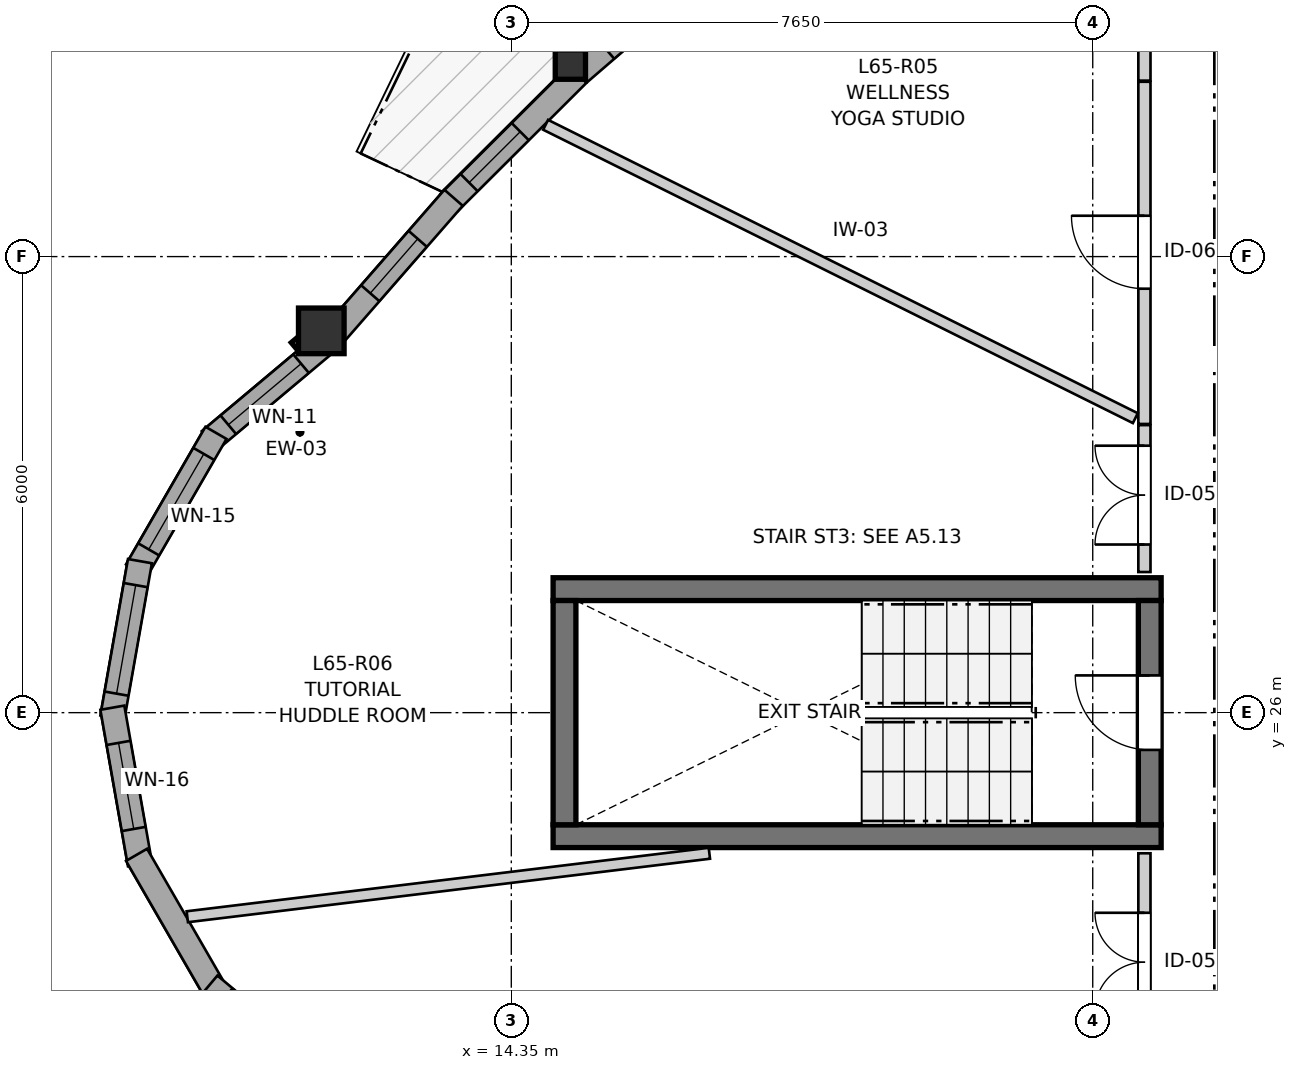
"""IFC4 building model, lengths in metres.
Left out: names, types, materials, properties, quantities, classifications, styles, units other than length and angle.
Written with IfcOpenShell. Run it as: python <this file> out.ifc"""

import sys

from ifc_helpers import new_model, si_unit, direction, frame, frame_2d, origin, origin_2d, place, context, subcontext, project, spatial, rectangle, i_section, extrude, source, transform, mapped, element, fill, save


model = new_model("IFC4")
c1 = context("Model", 3, precision=1e-05, world=origin(), true_north=direction((0.0, 1.0)))
c2 = subcontext(c1, "Body", "Model", "MODEL_VIEW")
j1 = project(units=[si_unit("LENGTHUNIT", "METRE"), si_unit("PLANEANGLEUNIT", "RADIAN")], contexts=[c1])
p1 = place(None, origin())
s1 = spatial("IfcSite", under=j1, at=p1, CompositionType="ELEMENT")
p2 = place(p1, origin())
s2 = spatial("IfcBuilding", under=s1, at=p2, CompositionType="ELEMENT")
p3 = place(p2, frame((0.0, 0.0, 218.0)))
s3 = spatial("IfcBuildingStorey", under=s2, at=p3, CompositionType="ELEMENT", Elevation=218.0)
for number, where, z_axis, x_axis in (
    (1, (14.9, 24.375, 0.0), (0.0, 0.0, 1.0), (1.0, 0.0, 0.0)),
    (2, (22.9, 27.625, 0.0), (0.0, 0.0, 1.0), (-1.0, 0.0, 0.0)),
):
    element("IfcWall", number, at=place(p3, frame(where, z_axis=z_axis, x_axis=x_axis)), inside=s3, PredefinedType="SHEAR", context=c2, shape_type="SweptSolid", body=[
        extrude(rectangle(XDim=8.0, YDim=0.3, at=frame_2d((4.0, 0.0))), origin(), (0.0, 0.0, 1.0), 2.96),
    ])
p4 = place(p3, frame((15.05, 27.475, 0.0), z_axis=(0.0, 0.0, 1.0), x_axis=(0.0, -1.0, 0.0)))
e3 = element("IfcWall", 3, at=p4, inside=s3, PredefinedType="SHEAR", context=c2, shape_type="SweptSolid", body=[
    extrude(rectangle(XDim=2.95, YDim=0.3, at=frame_2d((1.475, 0.0))), origin(), (0.0, 0.0, 1.0), 2.96),
])
p5 = place(p3, frame((22.75, 24.525, 0.0), z_axis=(0.0, 0.0, 1.0), x_axis=(0.0, 1.0, 0.0)))
e4 = element("IfcWall", 4, at=p5, inside=s3, PredefinedType="SHEAR", context=c2, shape_type="SweptSolid", body=[
    extrude(rectangle(XDim=2.95, YDim=0.3, at=frame_2d((1.475, 0.0))), origin(), (0.0, 0.0, 1.0), 2.96),
])
p6 = place(p5, frame((0.985, 0.0, 0.0)))
e5 = element("IfcOpeningElement", 5, at=p6, cuts=e4, PredefinedType="OPENING", context=c2, shape_type="SweptSolid", body=[
    extrude(rectangle(XDim=0.98, YDim=2.15, at=frame_2d((0.49, 1.075))), frame((0.0, 0.16, 0.0), z_axis=(0.0, -1.0, 0.0), x_axis=(1.0, 0.0, 0.0)), (0.0, 0.0, 1.0), 0.32),
])
m1 = source(origin(), c2, "Body", "SweptSolid", [
    extrude(rectangle(XDim=0.6, YDim=0.6, at=origin_2d()), origin(), (0.0, 0.0, 1.0), 2.96),
])
p7 = place(p3, frame((11.85, 31.023, 0.0), z_axis=(0.0, 0.0, 1.0), x_axis=(1.0, 0.0, 0.0)))
e6 = element("IfcColumn", 6, at=p7, inside=s3, PredefinedType="COLUMN", context=c2, shape_type="MappedRepresentation", body=[
    mapped(m1, transform((0.0, 0.0, 0.0), x_axis=(1.0, 0.0, 0.0), y_axis=(0.0, 1.0, 0.0), z_axis=(0.0, 0.0, 1.0), scale=1.0)),
])
m2 = source(origin(), c2, "Body", "SweptSolid", [
    extrude(i_section(OverallWidth=0.398, OverallDepth=0.387, WebThickness=0.019, FlangeThickness=0.03, FilletRadius=0.015, at=origin_2d()), origin(), (0.0, 0.0, 1.0), 2.96),
])
p8 = place(p3, frame((15.127, 34.526, 0.0), z_axis=(0.0, 0.0, 1.0), x_axis=(1.0, 0.0, 0.0)))
e7 = element("IfcColumn", 7, at=p8, inside=s3, PredefinedType="PILASTER", context=c2, shape_type="MappedRepresentation", body=[
    mapped(m2, transform((0.0, 0.0, 0.0), x_axis=(1.0, 0.0, 0.0), y_axis=(0.0, 1.0, 0.0), z_axis=(0.0, 0.0, 1.0), scale=1.0)),
])
p9 = place(p3, frame((11.884, 30.843, 0.0), z_axis=(0.0, 0.0, 1.0), x_axis=(-0.76606505432, -0.642763045414, 0.0)))
e8 = element("IfcWall", 8, at=p9, inside=s3, PredefinedType="SOLIDWALL", context=c2, shape_type="SweptSolid", body=[
    extrude(rectangle(XDim=1.962, YDim=0.32, at=frame_2d((0.981, 0.0))), origin(), (0.0, 0.0, 1.0), 2.58),
])
p10 = place(p9, frame((0.391, 0.0, 0.82)))
e9 = element("IfcOpeningElement", 9, at=p10, cuts=e8, PredefinedType="OPENING", context=c2, shape_type="SweptSolid", body=[
    extrude(rectangle(XDim=1.25, YDim=1.35, at=frame_2d((0.625, 0.675))), frame((0.0, 0.17, 0.0), z_axis=(0.0, -1.0, 0.0), x_axis=(1.0, 0.0, 0.0)), (0.0, 0.0, 1.0), 0.34),
])
p11 = place(p3, frame((10.465, 29.681, 0.0), z_axis=(0.0, 0.0, 1.0), x_axis=(-0.499995423472, -0.866028046028, 0.0)))
e10 = element("IfcWall", 10, at=p11, inside=s3, PredefinedType="SOLIDWALL", context=c2, shape_type="SweptSolid", body=[
    extrude(rectangle(XDim=2.09, YDim=0.32, at=frame_2d((1.045, 0.0))), origin(), (0.0, 0.0, 1.0), 2.58),
])
p12 = place(p11, frame((0.32, 0.0, 0.82)))
e11 = element("IfcOpeningElement", 11, at=p12, cuts=e10, PredefinedType="OPENING", context=c2, shape_type="SweptSolid", body=[
    extrude(rectangle(XDim=1.45, YDim=1.25, at=frame_2d((0.725, 0.625))), frame((0.0, 0.17, 0.0), z_axis=(0.0, -1.0, 0.0), x_axis=(1.0, 0.0, 0.0)), (0.0, 0.0, 1.0), 0.34),
])
p13 = place(p3, frame((9.464, 27.993, 0.0), z_axis=(0.0, 0.0, 1.0), x_axis=(-0.173672066494, -0.984803540469, 0.0)))
e12 = element("IfcWall", 12, at=p13, inside=s3, PredefinedType="SOLIDWALL", context=c2, shape_type="SweptSolid", body=[
    extrude(rectangle(XDim=2.09, YDim=0.32, at=frame_2d((1.045, 0.0))), origin(), (0.0, 0.0, 1.0), 2.58),
])
p14 = place(p13, frame((0.32, 0.0, 0.82)))
e13 = element("IfcOpeningElement", 13, at=p14, cuts=e12, PredefinedType="OPENING", context=c2, shape_type="SweptSolid", body=[
    extrude(rectangle(XDim=1.45, YDim=1.25, at=frame_2d((0.725, 0.625))), frame((0.0, 0.17, 0.0), z_axis=(0.0, -1.0, 0.0), x_axis=(1.0, 0.0, 0.0)), (0.0, 0.0, 1.0), 0.34),
])
p15 = place(p3, frame((9.101, 26.065, 0.0), z_axis=(0.0, 0.0, 1.0), x_axis=(0.173672066494, -0.984803540469, 0.0)))
e14 = element("IfcWall", 14, at=p15, inside=s3, PredefinedType="SOLIDWALL", context=c2, shape_type="SweptSolid", body=[
    extrude(rectangle(XDim=2.09, YDim=0.32, at=frame_2d((1.045, 0.0))), origin(), (0.0, 0.0, 1.0), 2.58),
])
p16 = place(p15, frame((0.47, 0.0, 0.82)))
e15 = element("IfcOpeningElement", 15, at=p16, cuts=e14, PredefinedType="OPENING", context=c2, shape_type="SweptSolid", body=[
    extrude(rectangle(XDim=1.15, YDim=1.2, at=frame_2d((0.575, 0.6))), frame((0.0, 0.17, 0.0), z_axis=(0.0, -1.0, 0.0), x_axis=(1.0, 0.0, 0.0)), (0.0, 0.0, 1.0), 0.34),
])
p17 = place(p3, frame((9.419, 24.129, 0.0), z_axis=(0.0, 0.0, 1.0), x_axis=(0.499995423472, -0.866028046028, 0.0)))
e16 = element("IfcWall", 16, at=p17, inside=s3, PredefinedType="SOLIDWALL", context=c2, shape_type="SweptSolid", body=[
    extrude(rectangle(XDim=2.09, YDim=0.32, at=frame_2d((1.045, 0.0))), origin(), (0.0, 0.0, 1.0), 2.58),
])
p18 = place(p3, frame((10.381, 22.419, 0.0), z_axis=(0.0, 0.0, 1.0), x_axis=(0.766099948115, -0.642721455608, 0.0)))
e17 = element("IfcWall", 17, at=p18, inside=s3, PredefinedType="SOLIDWALL", context=c2, shape_type="SweptSolid", body=[
    extrude(rectangle(XDim=2.032, YDim=0.32, at=frame_2d((1.016, 0.0))), origin(), (0.0, 0.0, 1.0), 2.58),
])
p19 = place(p18, frame((0.261, 0.0, 0.82)))
e18 = element("IfcOpeningElement", 18, at=p19, cuts=e17, PredefinedType="OPENING", context=c2, shape_type="SweptSolid", body=[
    extrude(rectangle(XDim=1.45, YDim=1.25, at=frame_2d((0.725, 0.625))), frame((0.0, 0.17, 0.0), z_axis=(0.0, -1.0, 0.0), x_axis=(1.0, 0.0, 0.0)), (0.0, 0.0, 1.0), 0.34),
])
p20 = place(p3, frame((17.03, 35.955, 0.0), z_axis=(0.0, 0.0, 1.0), x_axis=(-0.757489541562, -0.652847297937, 0.0)))
e19 = element("IfcWall", 19, at=p20, inside=s3, PredefinedType="SOLIDWALL", context=c2, shape_type="SweptSolid", body=[
    extrude(rectangle(XDim=2.354, YDim=0.32, at=frame_2d((1.177, 0.0))), origin(), (0.0, 0.0, 1.0), 2.58),
])
p21 = place(p20, frame((0.487, 0.0, 0.82)))
e20 = element("IfcOpeningElement", 20, at=p21, cuts=e19, PredefinedType="OPENING", context=c2, shape_type="SweptSolid", body=[
    extrude(rectangle(XDim=1.4, YDim=1.35, at=frame_2d((0.7, 0.675))), frame((0.0, 0.17, 0.0), z_axis=(0.0, -1.0, 0.0), x_axis=(1.0, 0.0, 0.0)), (0.0, 0.0, 1.0), 0.34),
])
p22 = place(p3, frame((15.226, 34.399, 0.0), z_axis=(0.0, 0.0, 1.0), x_axis=(-0.708431997636, -0.705779076429, 0.0)))
e21 = element("IfcWall", 21, at=p22, inside=s3, PredefinedType="SOLIDWALL", context=c2, shape_type="SweptSolid", body=[
    extrude(rectangle(XDim=2.393, YDim=0.32, at=frame_2d((1.196, 0.0))), origin(), (0.0, 0.0, 1.0), 2.58),
])
p23 = place(p22, frame((1.07, 0.0, 0.82)))
e22 = element("IfcOpeningElement", 22, at=p23, cuts=e21, PredefinedType="OPENING", context=c2, shape_type="SweptSolid", body=[
    extrude(rectangle(XDim=0.95, YDim=1.35, at=frame_2d((0.475, 0.675))), frame((0.0, 0.17, 0.0), z_axis=(0.0, -1.0, 0.0), x_axis=(1.0, 0.0, 0.0)), (0.0, 0.0, 1.0), 0.34),
])
p24 = place(p3, frame((13.591, 32.774, 0.0), z_axis=(0.0, 0.0, 1.0), x_axis=(-0.657601126926, -0.753366283999, 0.0)))
e23 = element("IfcWall", 23, at=p24, inside=s3, PredefinedType="SOLIDWALL", context=c2, shape_type="SweptSolid", body=[
    extrude(rectangle(XDim=2.374, YDim=0.32, at=frame_2d((1.187, 0.0))), origin(), (0.0, 0.0, 1.0), 2.58),
])
p25 = place(p24, frame((0.717, 0.0, 0.82)))
e24 = element("IfcOpeningElement", 24, at=p25, cuts=e23, PredefinedType="OPENING", context=c2, shape_type="SweptSolid", body=[
    extrude(rectangle(XDim=0.95, YDim=1.35, at=frame_2d((0.475, 0.675))), frame((0.0, 0.17, 0.0), z_axis=(0.0, -1.0, 0.0), x_axis=(1.0, 0.0, 0.0)), (0.0, 0.0, 1.0), 0.34),
])
p26 = place(p3, frame((22.68, 29.798, 0.0), z_axis=(0.0, 0.0, 1.0), x_axis=(0.0, 1.0, 0.0)))
e25 = element("IfcWall", 25, at=p26, inside=s3, PredefinedType="PARTITIONING", context=c2, shape_type="SweptSolid", body=[
    extrude(rectangle(XDim=4.502, YDim=0.16, at=frame_2d((2.251, 0.0))), origin(), (0.0, 0.0, 1.0), 2.96),
])
p27 = place(p26, frame((1.78, 0.0, 0.0)))
e26 = element("IfcOpeningElement", 26, at=p27, cuts=e25, PredefinedType="OPENING", context=c2, shape_type="SweptSolid", body=[
    extrude(rectangle(XDim=0.96, YDim=2.1, at=frame_2d((0.48, 1.05))), frame((0.0, 0.09, 0.0), z_axis=(0.0, -1.0, 0.0), x_axis=(1.0, 0.0, 0.0)), (0.0, 0.0, 1.0), 0.18),
])
p28 = place(p3, frame((22.68, 21.241, 0.0), z_axis=(0.0, 0.0, 1.0), x_axis=(0.0, 1.0, 0.0)))
e27 = element("IfcWall", 27, at=p28, inside=s3, PredefinedType="PARTITIONING", context=c2, shape_type="SweptSolid", body=[
    extrude(rectangle(XDim=2.909, YDim=0.16, at=frame_2d((1.455, 0.0))), origin(), (0.0, 0.0, 1.0), 2.96),
])
p29 = place(p28, frame((0.826, 0.0, 0.0)))
e28 = element("IfcOpeningElement", 28, at=p29, cuts=e27, PredefinedType="OPENING", context=c2, shape_type="SweptSolid", body=[
    extrude(rectangle(XDim=1.3, YDim=2.1, at=frame_2d((0.65, 1.05))), frame((0.0, 0.09, 0.0), z_axis=(0.0, -1.0, 0.0), x_axis=(1.0, 0.0, 0.0)), (0.0, 0.0, 1.0), 0.18),
])
p30 = place(p3, frame((22.68, 27.85, 0.0), z_axis=(0.0, 0.0, 1.0), x_axis=(0.0, 1.0, 0.0)))
e29 = element("IfcWall", 29, at=p30, inside=s3, PredefinedType="PARTITIONING", context=c2, shape_type="SweptSolid", body=[
    extrude(rectangle(XDim=1.933, YDim=0.16, at=frame_2d((0.966, 0.0))), origin(), (0.0, 0.0, 1.0), 2.96),
])
p31 = place(p30, frame((0.362, 0.0, 0.0)))
e30 = element("IfcOpeningElement", 30, at=p31, cuts=e29, PredefinedType="OPENING", context=c2, shape_type="SweptSolid", body=[
    extrude(rectangle(XDim=1.3, YDim=2.1, at=frame_2d((0.65, 1.05))), frame((0.0, 0.09, 0.0), z_axis=(0.0, -1.0, 0.0), x_axis=(1.0, 0.0, 0.0)), (0.0, 0.0, 1.0), 0.18),
])
p32 = place(p3, frame((14.802, 33.734, 0.0), z_axis=(0.0, 0.0, 1.0), x_axis=(0.895354955696, -0.445353234311, 0.0)))
e31 = element("IfcWall", 31, at=p32, inside=s3, PredefinedType="PARTITIONING", context=c2, shape_type="SweptSolid", body=[
    extrude(rectangle(XDim=8.666, YDim=0.145, at=frame_2d((4.333, 0.0))), origin(), (0.0, 0.0, 1.0), 2.96),
])
p33 = place(p3, frame((10.087, 23.315, 0.0), z_axis=(0.0, 0.0, 1.0), x_axis=(0.992692853732, 0.120668546642, 0.0)))
e32 = element("IfcWall", 32, at=p33, inside=s3, PredefinedType="PARTITIONING", context=c2, shape_type="SweptSolid", body=[
    extrude(rectangle(XDim=6.919, YDim=0.145, at=frame_2d((3.46, 0.0))), origin(), (0.0, 0.0, 1.0), 2.96),
])
p34 = place(p3, frame((22.68, 34.315, 0.0), z_axis=(0.0, 0.0, 1.0), x_axis=(0.0, 1.0, 0.0)))
e33 = element("IfcWall", 33, at=p34, inside=s3, PredefinedType="PARTITIONING", context=c2, shape_type="SweptSolid", body=[
    extrude(rectangle(XDim=0.707, YDim=0.16, at=frame_2d((0.353, 0.0))), origin(), (0.0, 0.0, 1.0), 2.96),
])
m3 = source(origin(), c2, "Body", "SweptSolid", [
    extrude(rectangle(XDim=1.25, YDim=1.35, at=frame_2d((0.625, 0.675))), frame((0.0, 0.03, 0.0), z_axis=(0.0, -1.0, 0.0), x_axis=(1.0, 0.0, 0.0)), (0.0, 0.0, 1.0), 0.06),
])
p35 = place(p10, origin())
e34 = element("IfcWindow", 34, at=p35, inside=s3, PartitioningType="SINGLE_PANEL", PredefinedType="WINDOW", context=c2, shape_type="MappedRepresentation", body=[
    mapped(m3, transform((0.0, 0.0, 0.0), x_axis=(1.0, 0.0, 0.0), y_axis=(0.0, 1.0, 0.0), z_axis=(0.0, 0.0, 1.0), scale=1.0)),
])
fill(e9, e34)
m4 = source(origin(), c2, "Body", "SweptSolid", [
    extrude(rectangle(XDim=1.45, YDim=1.25, at=frame_2d((0.725, 0.625))), frame((0.0, 0.03, 0.0), z_axis=(0.0, -1.0, 0.0), x_axis=(1.0, 0.0, 0.0)), (0.0, 0.0, 1.0), 0.06),
])
p36 = place(p12, origin())
e35 = element("IfcWindow", 35, at=p36, inside=s3, PartitioningType="SINGLE_PANEL", PredefinedType="WINDOW", context=c2, shape_type="MappedRepresentation", body=[
    mapped(m4, transform((0.0, 0.0, 0.0), x_axis=(1.0, 0.0, 0.0), y_axis=(0.0, 1.0, 0.0), z_axis=(0.0, 0.0, 1.0), scale=1.0)),
])
fill(e11, e35)
p37 = place(p14, origin())
e36 = element("IfcWindow", 36, at=p37, inside=s3, PartitioningType="SINGLE_PANEL", PredefinedType="WINDOW", context=c2, shape_type="MappedRepresentation", body=[
    mapped(m4, transform((0.0, 0.0, 0.0), x_axis=(1.0, 0.0, 0.0), y_axis=(0.0, 1.0, 0.0), z_axis=(0.0, 0.0, 1.0), scale=1.0)),
])
fill(e13, e36)
m5 = source(origin(), c2, "Body", "SweptSolid", [
    extrude(rectangle(XDim=1.15, YDim=1.2, at=frame_2d((0.575, 0.6))), frame((0.0, 0.03, 0.0), z_axis=(0.0, -1.0, 0.0), x_axis=(1.0, 0.0, 0.0)), (0.0, 0.0, 1.0), 0.06),
])
p38 = place(p16, origin())
e37 = element("IfcWindow", 37, at=p38, inside=s3, PartitioningType="SINGLE_PANEL", PredefinedType="WINDOW", context=c2, shape_type="MappedRepresentation", body=[
    mapped(m5, transform((0.0, 0.0, 0.0), x_axis=(1.0, 0.0, 0.0), y_axis=(0.0, 1.0, 0.0), z_axis=(0.0, 0.0, 1.0), scale=1.0)),
])
fill(e15, e37)
m6 = source(origin(), c2, "Body", "SweptSolid", [
    extrude(rectangle(XDim=0.95, YDim=1.35, at=frame_2d((0.475, 0.675))), frame((0.0, 0.03, 0.0), z_axis=(0.0, -1.0, 0.0), x_axis=(1.0, 0.0, 0.0)), (0.0, 0.0, 1.0), 0.06),
])
p39 = place(p23, origin())
e38 = element("IfcWindow", 38, at=p39, inside=s3, PartitioningType="SINGLE_PANEL", PredefinedType="WINDOW", context=c2, shape_type="MappedRepresentation", body=[
    mapped(m6, transform((0.0, 0.0, 0.0), x_axis=(1.0, 0.0, 0.0), y_axis=(0.0, 1.0, 0.0), z_axis=(0.0, 0.0, 1.0), scale=1.0)),
])
fill(e22, e38)
p40 = place(p25, origin())
e39 = element("IfcWindow", 39, at=p40, inside=s3, PartitioningType="SINGLE_PANEL", PredefinedType="WINDOW", context=c2, shape_type="MappedRepresentation", body=[
    mapped(m6, transform((0.0, 0.0, 0.0), x_axis=(1.0, 0.0, 0.0), y_axis=(0.0, 1.0, 0.0), z_axis=(0.0, 0.0, 1.0), scale=1.0)),
])
fill(e24, e39)
m7 = source(origin(), c2, "Body", "SweptSolid", [
    extrude(rectangle(XDim=0.98, YDim=2.15, at=frame_2d((0.49, 1.075))), frame((0.0, 0.025, 0.0), z_axis=(0.0, -1.0, 0.0), x_axis=(1.0, 0.0, 0.0)), (0.0, 0.0, 1.0), 0.05),
])
p41 = place(p6, origin())
e40 = element("IfcDoor", 40, at=p41, inside=s3, OperationType="SINGLE_SWING_RIGHT", PredefinedType="DOOR", context=c2, shape_type="MappedRepresentation", body=[
    mapped(m7, transform((0.0, 0.0, 0.0), x_axis=(1.0, 0.0, 0.0), y_axis=(0.0, 1.0, 0.0), z_axis=(0.0, 0.0, 1.0), scale=1.0)),
])
fill(e5, e40)
m8 = source(origin(), c2, "Body", "SweptSolid", [
    extrude(rectangle(XDim=0.96, YDim=2.1, at=frame_2d((0.48, 1.05))), frame((0.0, 0.025, 0.0), z_axis=(0.0, -1.0, 0.0), x_axis=(1.0, 0.0, 0.0)), (0.0, 0.0, 1.0), 0.05),
])
p42 = place(p27, origin())
e41 = element("IfcDoor", 41, at=p42, inside=s3, OperationType="SINGLE_SWING_RIGHT", PredefinedType="DOOR", context=c2, shape_type="MappedRepresentation", body=[
    mapped(m8, transform((0.0, 0.0, 0.0), x_axis=(1.0, 0.0, 0.0), y_axis=(0.0, 1.0, 0.0), z_axis=(0.0, 0.0, 1.0), scale=1.0)),
])
fill(e26, e41)
m9 = source(origin(), c2, "Body", "SweptSolid", [
    extrude(rectangle(XDim=1.3, YDim=2.1, at=frame_2d((0.65, 1.05))), frame((0.0, 0.025, 0.0), z_axis=(0.0, -1.0, 0.0), x_axis=(1.0, 0.0, 0.0)), (0.0, 0.0, 1.0), 0.05),
])
p43 = place(p29, origin())
e42 = element("IfcDoor", 42, at=p43, inside=s3, OperationType="DOUBLE_DOOR_SINGLE_SWING", PredefinedType="DOOR", context=c2, shape_type="MappedRepresentation", body=[
    mapped(m9, transform((0.0, 0.0, 0.0), x_axis=(1.0, 0.0, 0.0), y_axis=(0.0, 1.0, 0.0), z_axis=(0.0, 0.0, 1.0), scale=1.0)),
])
fill(e28, e42)
p44 = place(p31, origin())
e43 = element("IfcDoor", 43, at=p44, inside=s3, OperationType="DOUBLE_DOOR_SINGLE_SWING", PredefinedType="DOOR", context=c2, shape_type="MappedRepresentation", body=[
    mapped(m9, transform((0.0, 0.0, 0.0), x_axis=(1.0, 0.0, 0.0), y_axis=(0.0, 1.0, 0.0), z_axis=(0.0, 0.0, 1.0), scale=1.0)),
])
fill(e30, e43)
save(model, sys.argv[1])

==*==

Exercise description >>
Scan the entries above for the word "under", then copy every line in which it occurs.

Answer to this exercise >>
s1 = spatial("IfcSite", under=j1, at=p1, CompositionType="ELEMENT")
s2 = spatial("IfcBuilding", under=s1, at=p2, CompositionType="ELEMENT")
s3 = spatial("IfcBuildingStorey", under=s2, at=p3, CompositionType="ELEMENT", Elevation=218.0)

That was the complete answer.